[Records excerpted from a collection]

★ ★ ★ ★ ★

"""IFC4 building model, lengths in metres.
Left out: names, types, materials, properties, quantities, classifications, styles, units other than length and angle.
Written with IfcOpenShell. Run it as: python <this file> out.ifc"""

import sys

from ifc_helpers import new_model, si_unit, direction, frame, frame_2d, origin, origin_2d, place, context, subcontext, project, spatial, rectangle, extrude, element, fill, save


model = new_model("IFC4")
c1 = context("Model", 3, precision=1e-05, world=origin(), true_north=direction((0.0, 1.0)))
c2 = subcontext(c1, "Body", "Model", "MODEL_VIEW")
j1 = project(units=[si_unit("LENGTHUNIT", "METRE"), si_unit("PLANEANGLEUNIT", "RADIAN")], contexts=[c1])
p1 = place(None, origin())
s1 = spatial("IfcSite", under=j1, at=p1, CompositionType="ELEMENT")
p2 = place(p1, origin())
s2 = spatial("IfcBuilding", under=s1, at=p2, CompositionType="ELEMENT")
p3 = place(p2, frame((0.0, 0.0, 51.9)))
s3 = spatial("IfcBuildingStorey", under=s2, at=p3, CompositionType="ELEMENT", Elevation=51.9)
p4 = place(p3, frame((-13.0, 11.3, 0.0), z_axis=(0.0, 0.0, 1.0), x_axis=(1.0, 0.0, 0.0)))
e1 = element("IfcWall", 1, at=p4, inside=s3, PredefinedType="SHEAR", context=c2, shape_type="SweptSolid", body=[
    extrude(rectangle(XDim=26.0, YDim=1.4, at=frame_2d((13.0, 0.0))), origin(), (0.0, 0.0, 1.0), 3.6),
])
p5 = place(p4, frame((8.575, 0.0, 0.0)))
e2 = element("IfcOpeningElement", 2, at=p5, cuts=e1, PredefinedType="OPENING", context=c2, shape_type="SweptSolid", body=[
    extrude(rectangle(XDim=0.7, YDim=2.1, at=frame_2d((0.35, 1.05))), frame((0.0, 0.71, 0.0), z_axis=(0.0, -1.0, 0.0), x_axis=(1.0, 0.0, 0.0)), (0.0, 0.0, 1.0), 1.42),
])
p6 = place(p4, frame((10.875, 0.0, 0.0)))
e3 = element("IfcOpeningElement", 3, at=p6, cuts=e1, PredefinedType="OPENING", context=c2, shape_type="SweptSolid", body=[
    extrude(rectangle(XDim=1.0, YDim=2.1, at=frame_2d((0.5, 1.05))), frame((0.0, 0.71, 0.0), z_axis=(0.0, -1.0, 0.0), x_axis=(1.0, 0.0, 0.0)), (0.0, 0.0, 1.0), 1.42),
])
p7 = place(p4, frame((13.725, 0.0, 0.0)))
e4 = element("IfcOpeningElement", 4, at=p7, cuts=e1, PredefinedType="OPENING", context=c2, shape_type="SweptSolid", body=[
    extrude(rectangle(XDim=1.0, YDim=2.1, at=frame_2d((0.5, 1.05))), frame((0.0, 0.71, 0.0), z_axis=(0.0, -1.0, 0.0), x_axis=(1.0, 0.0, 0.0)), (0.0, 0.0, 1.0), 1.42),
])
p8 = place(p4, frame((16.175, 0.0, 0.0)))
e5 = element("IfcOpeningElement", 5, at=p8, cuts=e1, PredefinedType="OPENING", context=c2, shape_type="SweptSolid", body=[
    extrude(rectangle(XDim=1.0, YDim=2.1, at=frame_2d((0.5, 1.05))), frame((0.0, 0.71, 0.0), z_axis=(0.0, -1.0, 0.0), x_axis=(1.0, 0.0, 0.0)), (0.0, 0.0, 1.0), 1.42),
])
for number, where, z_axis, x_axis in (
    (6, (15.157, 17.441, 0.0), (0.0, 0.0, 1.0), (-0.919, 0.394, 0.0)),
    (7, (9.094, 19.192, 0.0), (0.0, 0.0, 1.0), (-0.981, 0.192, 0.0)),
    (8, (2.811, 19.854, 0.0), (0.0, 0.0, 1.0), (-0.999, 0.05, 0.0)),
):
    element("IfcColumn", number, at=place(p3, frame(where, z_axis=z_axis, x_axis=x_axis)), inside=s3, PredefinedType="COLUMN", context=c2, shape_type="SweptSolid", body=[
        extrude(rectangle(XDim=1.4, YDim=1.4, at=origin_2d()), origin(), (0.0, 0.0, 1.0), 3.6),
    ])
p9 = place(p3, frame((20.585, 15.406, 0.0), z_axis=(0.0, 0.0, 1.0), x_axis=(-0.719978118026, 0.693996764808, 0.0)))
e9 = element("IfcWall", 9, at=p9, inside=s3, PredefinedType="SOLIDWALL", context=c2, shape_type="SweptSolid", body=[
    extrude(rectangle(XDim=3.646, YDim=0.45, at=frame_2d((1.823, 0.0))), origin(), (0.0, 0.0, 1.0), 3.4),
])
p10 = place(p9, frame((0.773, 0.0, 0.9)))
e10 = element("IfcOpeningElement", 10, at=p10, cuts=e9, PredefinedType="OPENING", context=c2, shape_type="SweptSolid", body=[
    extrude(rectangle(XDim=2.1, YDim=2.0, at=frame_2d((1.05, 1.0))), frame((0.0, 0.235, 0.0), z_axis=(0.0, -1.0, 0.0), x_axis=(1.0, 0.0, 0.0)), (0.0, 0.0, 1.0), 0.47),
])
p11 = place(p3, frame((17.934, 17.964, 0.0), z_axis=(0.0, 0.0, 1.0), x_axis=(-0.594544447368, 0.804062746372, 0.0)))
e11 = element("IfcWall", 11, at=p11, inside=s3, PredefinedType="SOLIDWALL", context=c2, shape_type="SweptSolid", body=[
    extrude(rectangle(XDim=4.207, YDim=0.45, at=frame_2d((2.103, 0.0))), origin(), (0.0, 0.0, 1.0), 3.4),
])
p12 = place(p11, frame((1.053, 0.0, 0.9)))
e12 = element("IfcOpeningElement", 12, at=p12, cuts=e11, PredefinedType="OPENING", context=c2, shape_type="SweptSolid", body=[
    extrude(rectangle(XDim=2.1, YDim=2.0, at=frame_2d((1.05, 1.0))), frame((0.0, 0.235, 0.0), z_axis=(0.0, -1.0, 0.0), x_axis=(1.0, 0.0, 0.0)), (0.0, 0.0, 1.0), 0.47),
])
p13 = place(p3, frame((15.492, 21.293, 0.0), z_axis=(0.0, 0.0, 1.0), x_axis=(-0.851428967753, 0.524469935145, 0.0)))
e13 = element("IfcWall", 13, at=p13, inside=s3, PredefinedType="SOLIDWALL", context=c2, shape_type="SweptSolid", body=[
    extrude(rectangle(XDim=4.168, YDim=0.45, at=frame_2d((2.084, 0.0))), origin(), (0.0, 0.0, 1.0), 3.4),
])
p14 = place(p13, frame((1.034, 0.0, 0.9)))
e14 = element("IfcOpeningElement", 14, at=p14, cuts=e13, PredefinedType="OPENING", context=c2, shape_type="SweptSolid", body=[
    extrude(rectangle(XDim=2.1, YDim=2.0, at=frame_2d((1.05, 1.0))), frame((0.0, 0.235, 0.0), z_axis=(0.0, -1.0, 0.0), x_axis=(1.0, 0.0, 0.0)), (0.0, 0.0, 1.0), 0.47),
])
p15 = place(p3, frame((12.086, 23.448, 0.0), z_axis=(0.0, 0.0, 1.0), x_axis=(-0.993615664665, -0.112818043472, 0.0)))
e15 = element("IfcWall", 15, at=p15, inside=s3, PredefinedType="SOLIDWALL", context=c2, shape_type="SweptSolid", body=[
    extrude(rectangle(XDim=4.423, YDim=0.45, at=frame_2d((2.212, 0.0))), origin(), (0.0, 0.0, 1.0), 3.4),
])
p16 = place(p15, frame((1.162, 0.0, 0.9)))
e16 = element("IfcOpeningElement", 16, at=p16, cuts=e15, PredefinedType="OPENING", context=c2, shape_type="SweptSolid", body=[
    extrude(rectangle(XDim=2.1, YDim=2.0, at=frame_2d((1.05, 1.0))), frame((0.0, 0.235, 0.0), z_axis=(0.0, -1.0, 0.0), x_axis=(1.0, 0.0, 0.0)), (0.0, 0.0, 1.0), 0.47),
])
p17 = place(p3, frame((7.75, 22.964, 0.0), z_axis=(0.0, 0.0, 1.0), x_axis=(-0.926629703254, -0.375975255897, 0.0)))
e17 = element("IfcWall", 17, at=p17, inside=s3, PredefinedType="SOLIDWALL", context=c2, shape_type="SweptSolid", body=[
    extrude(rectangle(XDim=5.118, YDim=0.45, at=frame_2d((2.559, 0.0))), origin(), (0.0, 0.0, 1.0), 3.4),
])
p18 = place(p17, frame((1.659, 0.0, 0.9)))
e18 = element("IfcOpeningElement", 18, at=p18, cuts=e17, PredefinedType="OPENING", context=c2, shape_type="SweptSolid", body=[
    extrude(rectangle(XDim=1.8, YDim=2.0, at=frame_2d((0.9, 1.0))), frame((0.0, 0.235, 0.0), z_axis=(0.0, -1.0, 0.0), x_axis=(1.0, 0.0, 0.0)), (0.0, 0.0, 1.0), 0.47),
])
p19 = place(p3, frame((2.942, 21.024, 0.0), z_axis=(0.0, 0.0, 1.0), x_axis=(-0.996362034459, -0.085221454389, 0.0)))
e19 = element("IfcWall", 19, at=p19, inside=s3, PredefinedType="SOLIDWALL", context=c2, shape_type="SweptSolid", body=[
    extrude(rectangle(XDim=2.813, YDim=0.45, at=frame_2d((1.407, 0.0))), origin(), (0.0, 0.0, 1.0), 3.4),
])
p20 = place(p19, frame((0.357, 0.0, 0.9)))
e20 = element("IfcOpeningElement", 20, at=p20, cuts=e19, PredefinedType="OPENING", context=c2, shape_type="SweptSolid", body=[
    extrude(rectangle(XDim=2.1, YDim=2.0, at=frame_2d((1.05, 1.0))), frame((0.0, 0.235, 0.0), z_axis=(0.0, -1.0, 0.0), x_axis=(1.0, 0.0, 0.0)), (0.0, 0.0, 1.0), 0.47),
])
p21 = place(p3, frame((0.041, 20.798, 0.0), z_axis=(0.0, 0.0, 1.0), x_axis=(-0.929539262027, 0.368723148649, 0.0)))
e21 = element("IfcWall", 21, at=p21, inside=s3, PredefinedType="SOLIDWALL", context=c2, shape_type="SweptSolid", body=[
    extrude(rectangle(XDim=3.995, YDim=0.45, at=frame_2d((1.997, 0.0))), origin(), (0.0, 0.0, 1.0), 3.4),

★ ★ ★ ★ ★

Work instruction:
Exactly as written, please transcribe the lines from the start of the records above to the line that holds "x_axis=(1.0, 0.0, 0.0)))", both ends included.

Exercise result:
"""IFC4 building model, lengths in metres.
Left out: names, types, materials, properties, quantities, classifications, styles, units other than length and angle.
Written with IfcOpenShell. Run it as: python <this file> out.ifc"""

import sys

from ifc_helpers import new_model, si_unit, direction, frame, frame_2d, origin, origin_2d, place, context, subcontext, project, spatial, rectangle, extrude, element, fill, save


model = new_model("IFC4")
c1 = context("Model", 3, precision=1e-05, world=origin(), true_north=direction((0.0, 1.0)))
c2 = subcontext(c1, "Body", "Model", "MODEL_VIEW")
j1 = project(units=[si_unit("LENGTHUNIT", "METRE"), si_unit("PLANEANGLEUNIT", "RADIAN")], contexts=[c1])
p1 = place(None, origin())
s1 = spatial("IfcSite", under=j1, at=p1, CompositionType="ELEMENT")
p2 = place(p1, origin())
s2 = spatial("IfcBuilding", under=s1, at=p2, CompositionType="ELEMENT")
p3 = place(p2, frame((0.0, 0.0, 51.9)))
s3 = spatial("IfcBuildingStorey", under=s2, at=p3, CompositionType="ELEMENT", Elevation=51.9)
p4 = place(p3, frame((-13.0, 11.3, 0.0), z_axis=(0.0, 0.0, 1.0), x_axis=(1.0, 0.0, 0.0)))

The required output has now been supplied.